Problem to work on:
Every line from the start of the data through the line containing "R10.5 POCKET CL" should be retyped exactly; the pictures should not.

Entries shown START

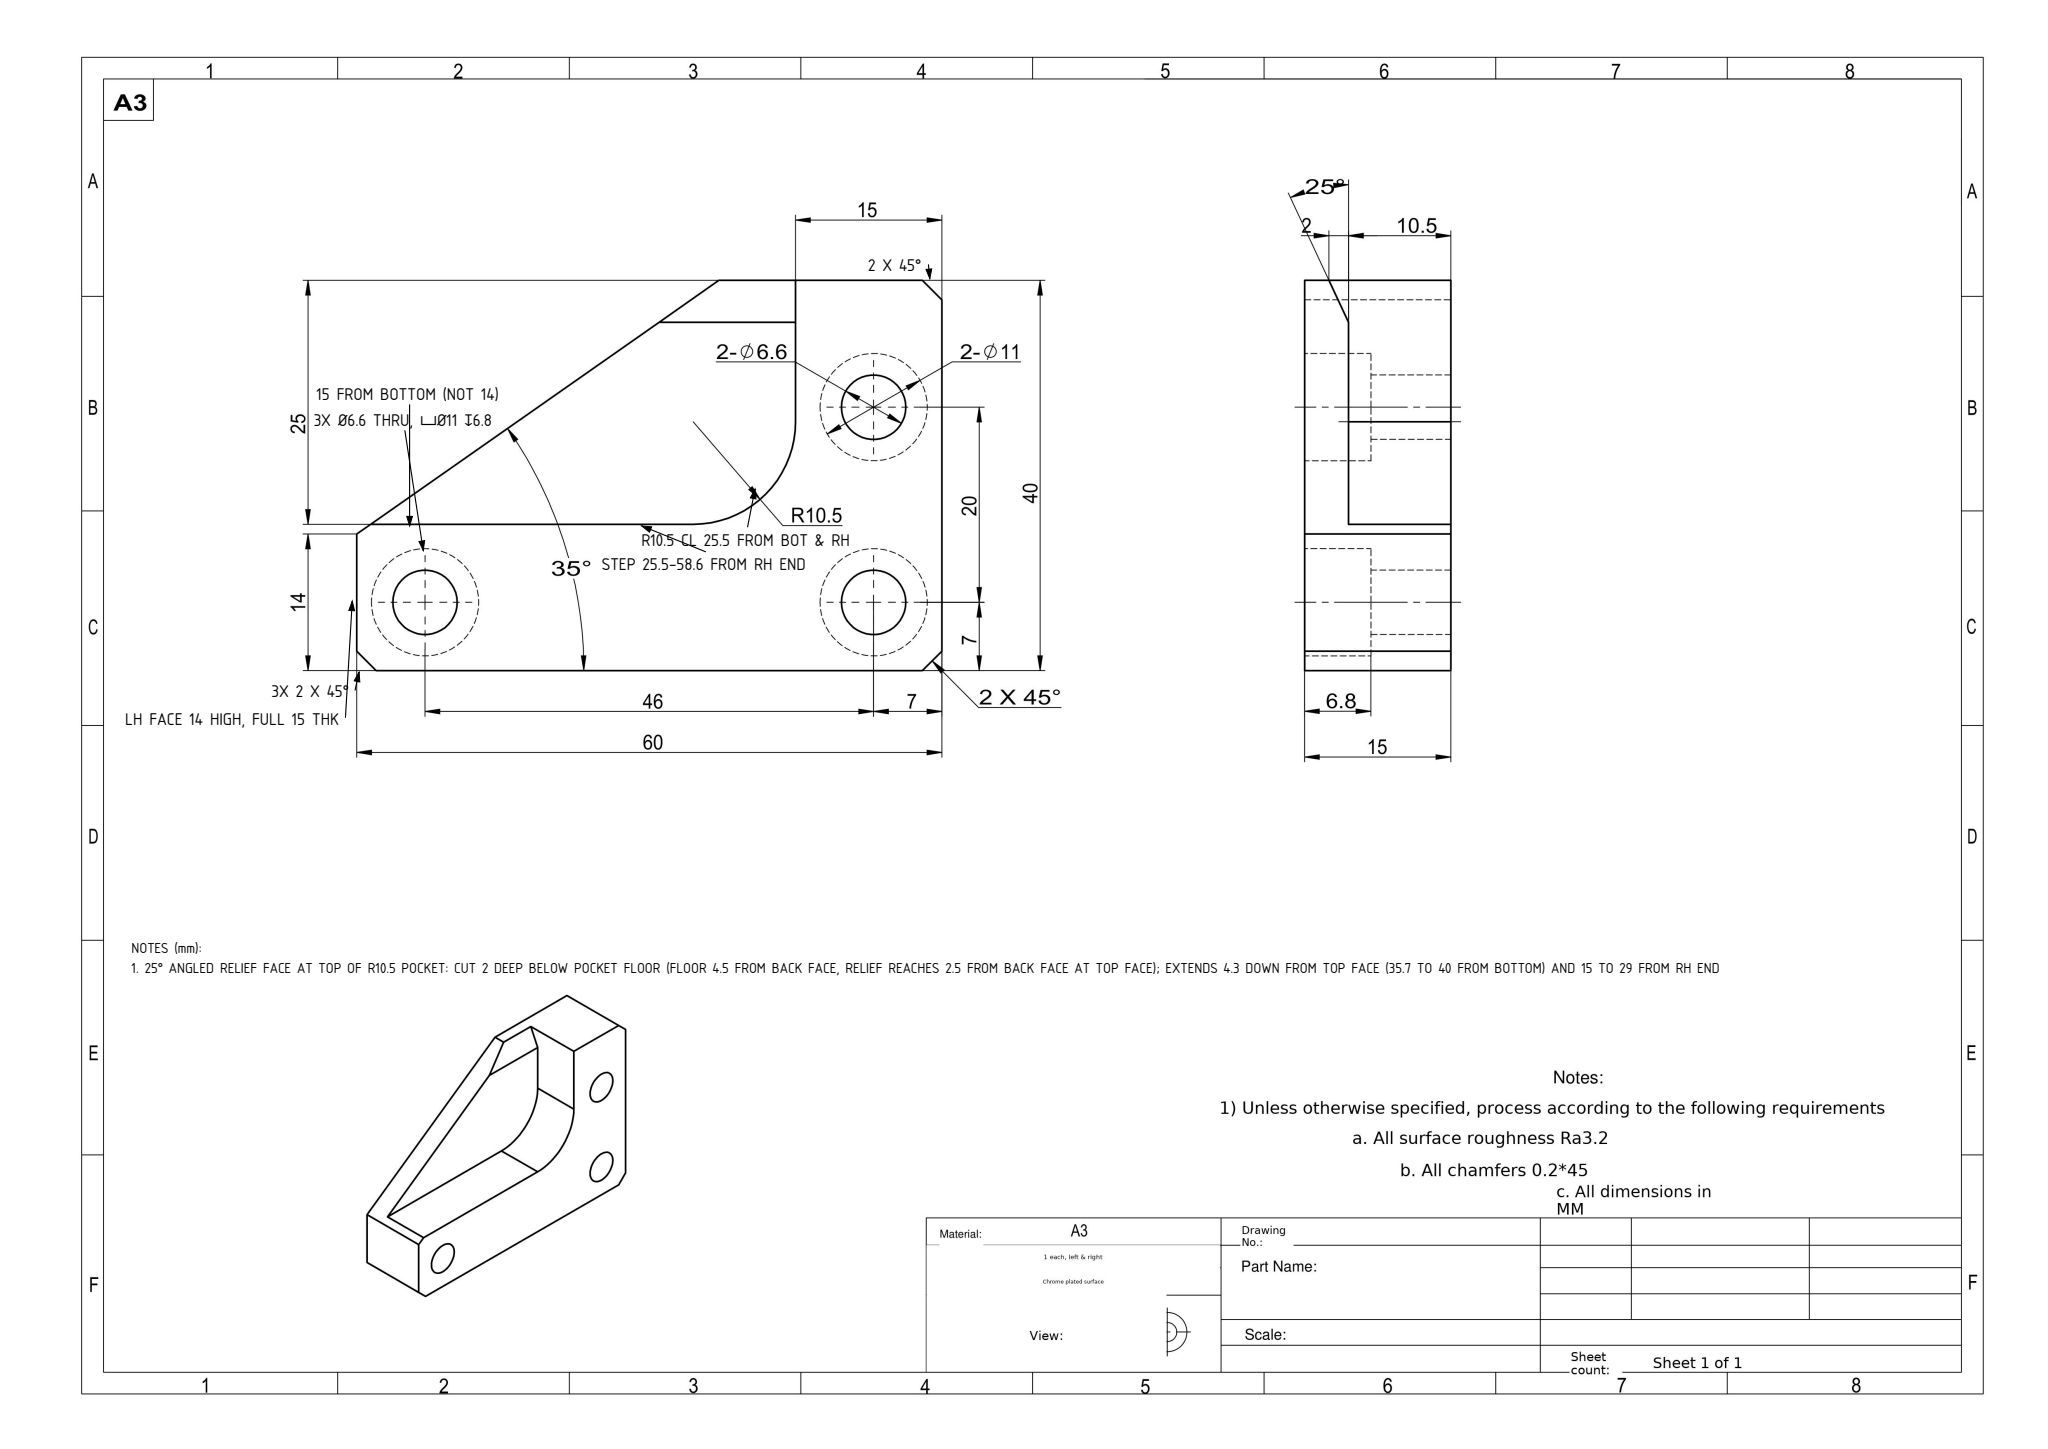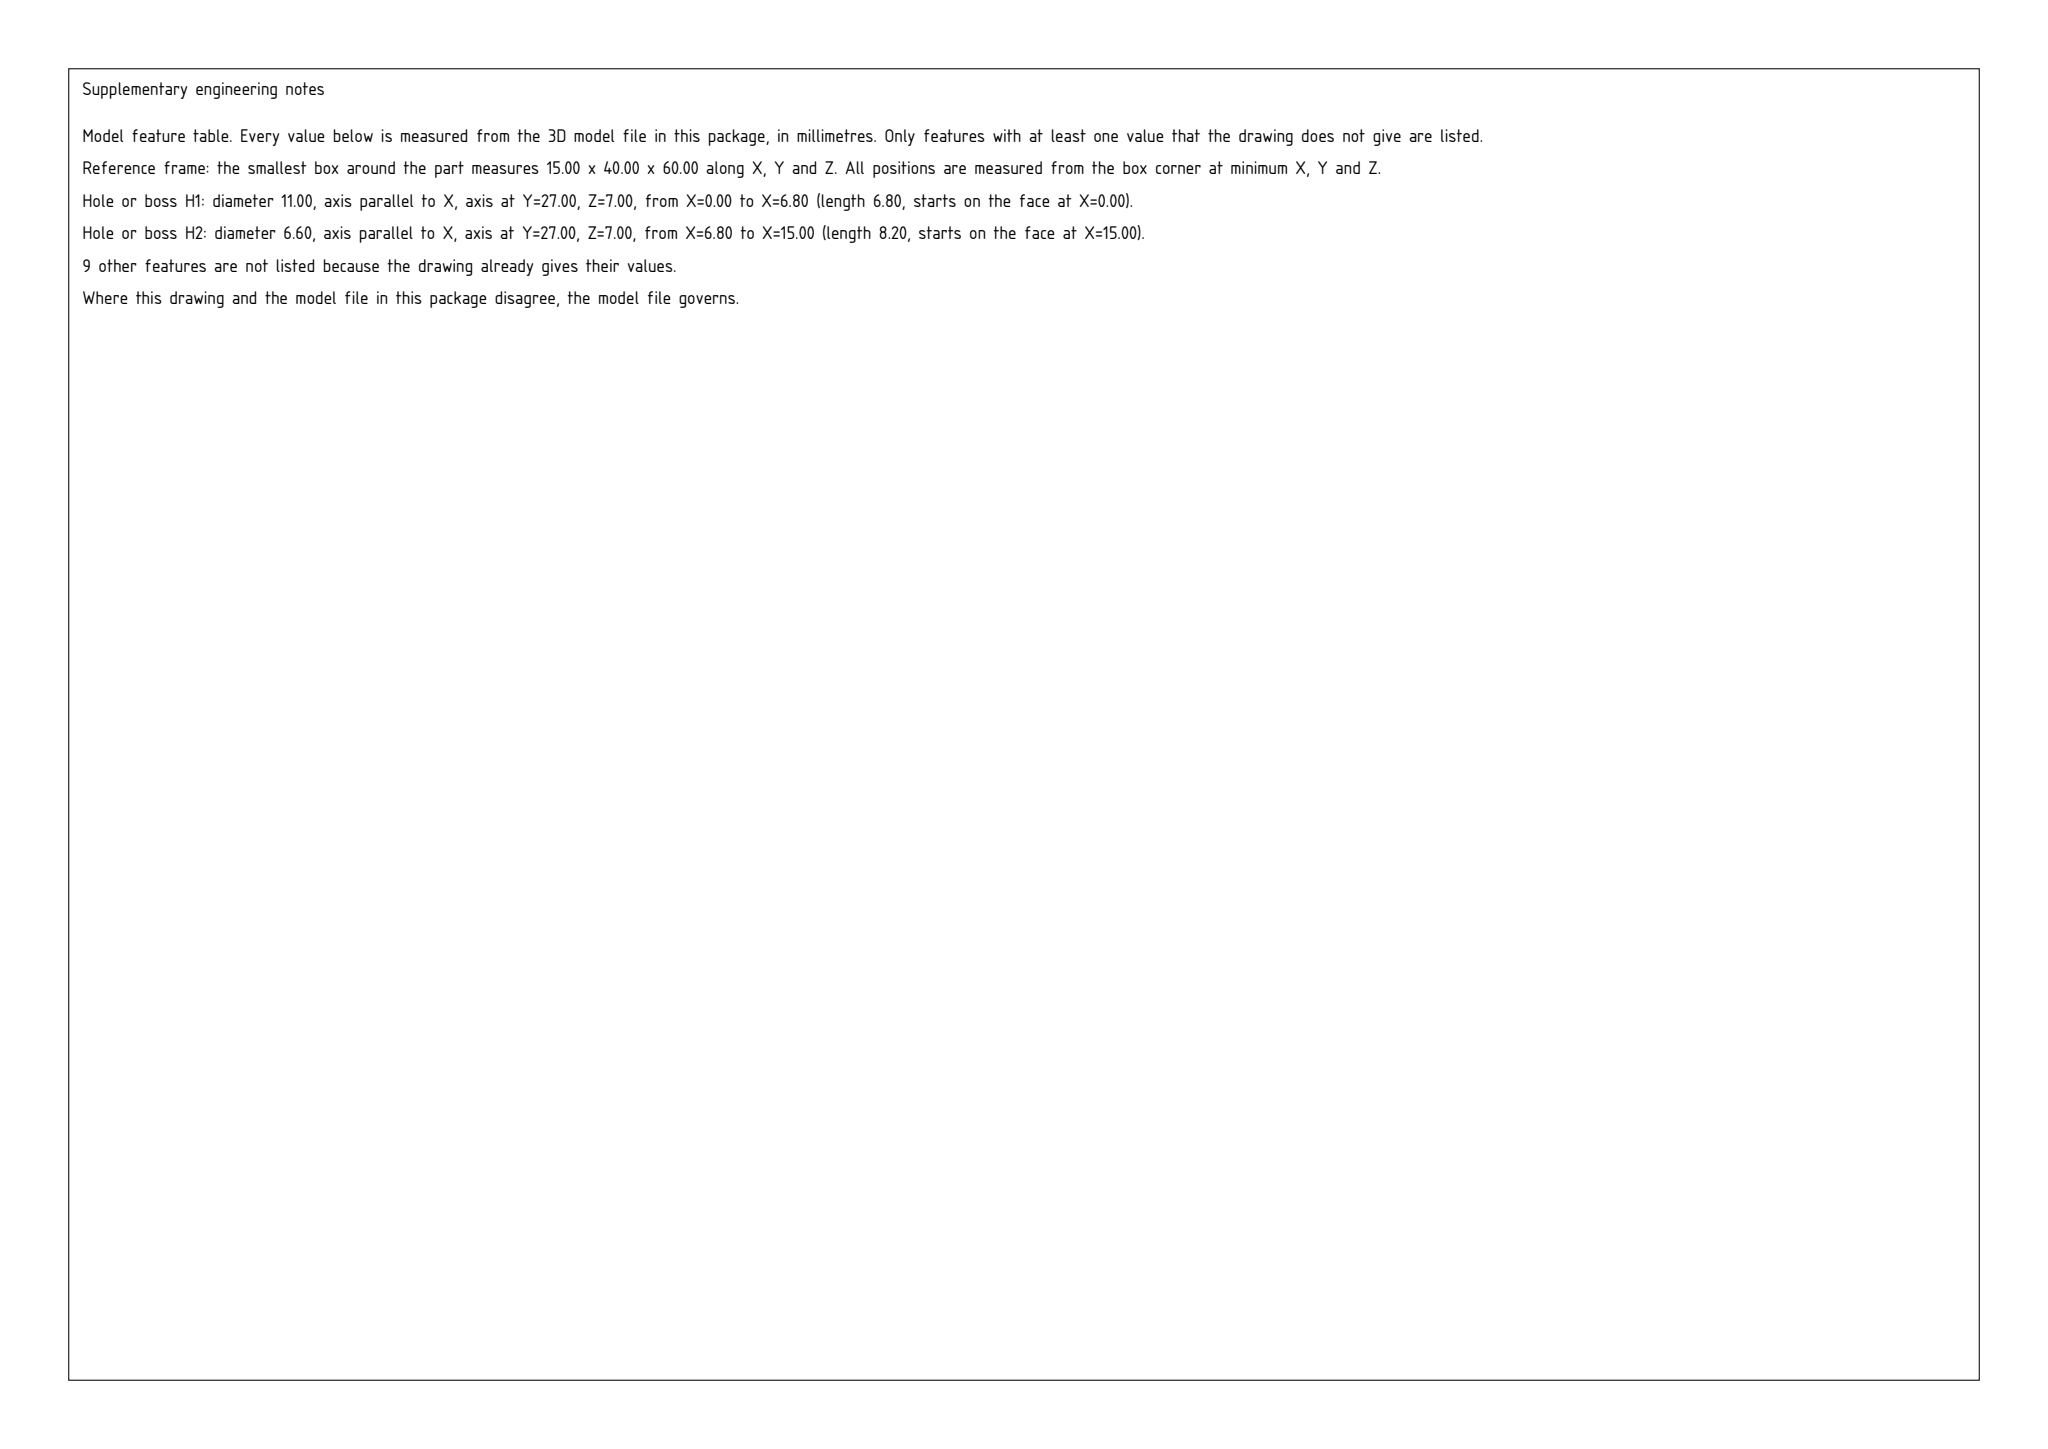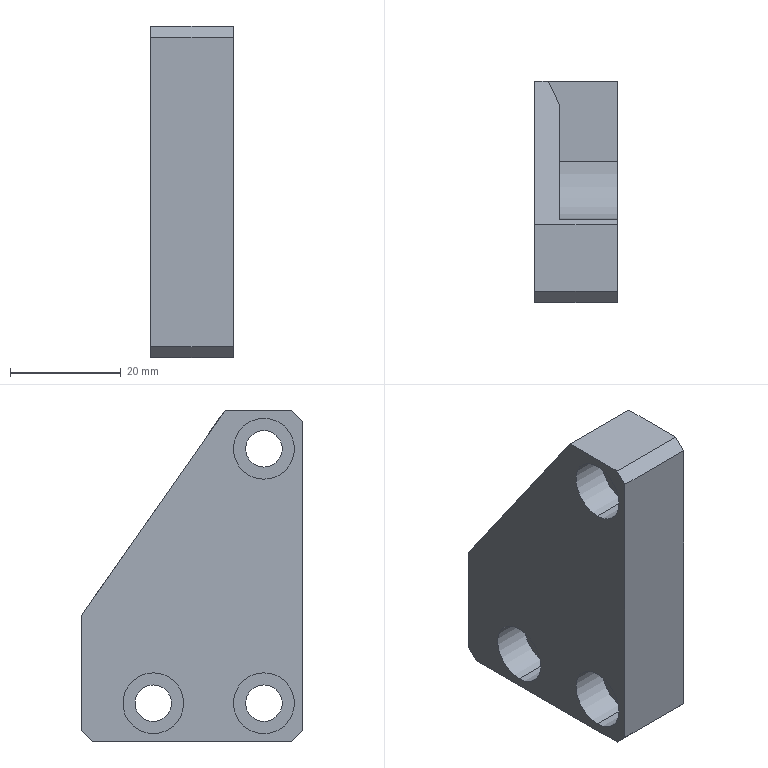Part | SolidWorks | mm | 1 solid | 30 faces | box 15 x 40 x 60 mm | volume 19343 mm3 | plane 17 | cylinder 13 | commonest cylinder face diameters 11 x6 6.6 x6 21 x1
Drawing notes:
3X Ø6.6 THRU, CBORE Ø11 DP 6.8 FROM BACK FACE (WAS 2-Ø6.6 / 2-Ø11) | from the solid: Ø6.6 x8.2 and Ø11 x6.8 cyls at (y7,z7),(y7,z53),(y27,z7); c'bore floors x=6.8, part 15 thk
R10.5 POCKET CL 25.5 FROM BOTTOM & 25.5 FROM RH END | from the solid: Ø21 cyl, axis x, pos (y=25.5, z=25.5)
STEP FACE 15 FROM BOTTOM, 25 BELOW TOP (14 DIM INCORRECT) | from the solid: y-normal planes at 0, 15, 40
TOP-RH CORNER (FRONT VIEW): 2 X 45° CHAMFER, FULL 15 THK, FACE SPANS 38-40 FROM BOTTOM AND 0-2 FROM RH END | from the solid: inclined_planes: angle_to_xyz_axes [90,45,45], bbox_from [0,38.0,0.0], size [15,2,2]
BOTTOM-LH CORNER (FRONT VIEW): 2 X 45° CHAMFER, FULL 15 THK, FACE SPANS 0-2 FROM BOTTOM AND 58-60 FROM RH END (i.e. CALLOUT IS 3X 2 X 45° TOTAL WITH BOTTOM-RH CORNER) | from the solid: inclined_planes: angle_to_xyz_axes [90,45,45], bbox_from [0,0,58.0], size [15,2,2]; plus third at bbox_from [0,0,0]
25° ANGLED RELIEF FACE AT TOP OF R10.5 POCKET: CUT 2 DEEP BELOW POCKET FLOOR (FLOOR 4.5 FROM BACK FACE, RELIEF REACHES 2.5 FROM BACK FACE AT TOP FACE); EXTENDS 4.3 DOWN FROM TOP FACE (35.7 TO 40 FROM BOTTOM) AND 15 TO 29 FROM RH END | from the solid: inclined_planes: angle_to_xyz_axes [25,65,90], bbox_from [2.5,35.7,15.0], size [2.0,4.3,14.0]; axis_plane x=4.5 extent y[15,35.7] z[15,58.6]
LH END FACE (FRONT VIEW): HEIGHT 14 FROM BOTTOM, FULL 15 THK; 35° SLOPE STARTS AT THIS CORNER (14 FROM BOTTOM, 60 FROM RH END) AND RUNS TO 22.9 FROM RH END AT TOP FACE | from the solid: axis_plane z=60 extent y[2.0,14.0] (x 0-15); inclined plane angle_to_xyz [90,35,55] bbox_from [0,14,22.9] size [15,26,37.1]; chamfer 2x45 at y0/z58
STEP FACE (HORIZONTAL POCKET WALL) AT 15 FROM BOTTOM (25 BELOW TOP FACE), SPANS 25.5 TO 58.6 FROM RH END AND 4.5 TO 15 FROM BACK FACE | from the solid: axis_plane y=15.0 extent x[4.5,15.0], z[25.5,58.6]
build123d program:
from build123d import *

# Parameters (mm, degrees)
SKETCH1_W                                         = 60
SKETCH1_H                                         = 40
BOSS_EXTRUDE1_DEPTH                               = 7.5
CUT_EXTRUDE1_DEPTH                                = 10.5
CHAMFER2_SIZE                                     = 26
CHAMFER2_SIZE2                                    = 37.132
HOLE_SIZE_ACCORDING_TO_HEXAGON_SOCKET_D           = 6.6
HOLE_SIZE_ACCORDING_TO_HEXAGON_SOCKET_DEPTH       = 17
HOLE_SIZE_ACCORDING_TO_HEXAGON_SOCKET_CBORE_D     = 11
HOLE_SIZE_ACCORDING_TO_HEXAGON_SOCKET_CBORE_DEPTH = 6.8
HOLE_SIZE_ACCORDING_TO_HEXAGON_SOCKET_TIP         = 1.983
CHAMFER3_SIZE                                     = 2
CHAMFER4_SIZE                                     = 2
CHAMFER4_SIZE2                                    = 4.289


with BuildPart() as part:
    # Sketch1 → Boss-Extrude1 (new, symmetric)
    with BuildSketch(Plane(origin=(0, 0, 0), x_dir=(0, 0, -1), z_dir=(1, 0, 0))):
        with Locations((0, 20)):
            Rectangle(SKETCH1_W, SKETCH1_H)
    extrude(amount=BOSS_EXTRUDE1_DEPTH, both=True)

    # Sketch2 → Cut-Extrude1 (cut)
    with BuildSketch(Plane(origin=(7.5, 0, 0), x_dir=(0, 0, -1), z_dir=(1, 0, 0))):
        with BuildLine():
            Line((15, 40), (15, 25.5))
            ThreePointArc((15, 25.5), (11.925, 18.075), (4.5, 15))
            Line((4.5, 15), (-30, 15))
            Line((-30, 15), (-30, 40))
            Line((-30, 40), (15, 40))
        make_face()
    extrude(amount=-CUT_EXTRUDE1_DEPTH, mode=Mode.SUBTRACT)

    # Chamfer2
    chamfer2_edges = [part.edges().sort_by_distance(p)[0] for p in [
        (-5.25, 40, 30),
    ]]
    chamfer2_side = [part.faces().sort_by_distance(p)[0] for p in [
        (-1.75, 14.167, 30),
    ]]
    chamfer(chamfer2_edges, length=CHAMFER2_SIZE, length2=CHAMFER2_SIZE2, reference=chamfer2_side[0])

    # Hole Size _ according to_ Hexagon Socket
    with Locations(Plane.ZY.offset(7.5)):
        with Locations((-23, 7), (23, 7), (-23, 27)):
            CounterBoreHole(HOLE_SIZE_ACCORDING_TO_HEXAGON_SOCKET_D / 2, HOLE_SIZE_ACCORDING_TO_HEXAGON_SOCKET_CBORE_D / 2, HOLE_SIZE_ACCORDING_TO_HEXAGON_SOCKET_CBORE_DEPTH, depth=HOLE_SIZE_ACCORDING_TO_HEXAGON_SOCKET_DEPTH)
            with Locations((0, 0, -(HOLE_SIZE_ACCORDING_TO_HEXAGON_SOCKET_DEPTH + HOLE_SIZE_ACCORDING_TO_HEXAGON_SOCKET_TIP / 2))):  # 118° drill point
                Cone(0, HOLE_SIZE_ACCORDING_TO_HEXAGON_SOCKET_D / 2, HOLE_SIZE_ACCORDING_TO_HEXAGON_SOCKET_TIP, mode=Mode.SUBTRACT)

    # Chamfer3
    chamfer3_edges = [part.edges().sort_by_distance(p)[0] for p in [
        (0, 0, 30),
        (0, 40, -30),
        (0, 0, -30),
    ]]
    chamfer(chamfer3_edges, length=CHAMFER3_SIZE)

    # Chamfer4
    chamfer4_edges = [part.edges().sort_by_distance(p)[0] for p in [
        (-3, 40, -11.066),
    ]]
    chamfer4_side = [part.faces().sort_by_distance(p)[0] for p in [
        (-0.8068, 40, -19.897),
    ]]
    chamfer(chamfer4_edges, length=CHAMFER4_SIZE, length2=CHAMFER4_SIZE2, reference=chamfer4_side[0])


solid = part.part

Entries shown END

Solution to the problem:
Part | SolidWorks | mm | 1 solid | 30 faces | box 15 x 40 x 60 mm | volume 19343 mm3 | plane 17 | cylinder 13 | commonest cylinder face diameters 11 x6 6.6 x6 21 x1
Drawing notes:
3X Ø6.6 THRU, CBORE Ø11 DP 6.8 FROM BACK FACE (WAS 2-Ø6.6 / 2-Ø11) | from the solid: Ø6.6 x8.2 and Ø11 x6.8 cyls at (y7,z7),(y7,z53),(y27,z7); c'bore floors x=6.8, part 15 thk
R10.5 POCKET CL 25.5 FROM BOTTOM & 25.5 FROM RH END | from the solid: Ø21 cyl, axis x, pos (y=25.5, z=25.5)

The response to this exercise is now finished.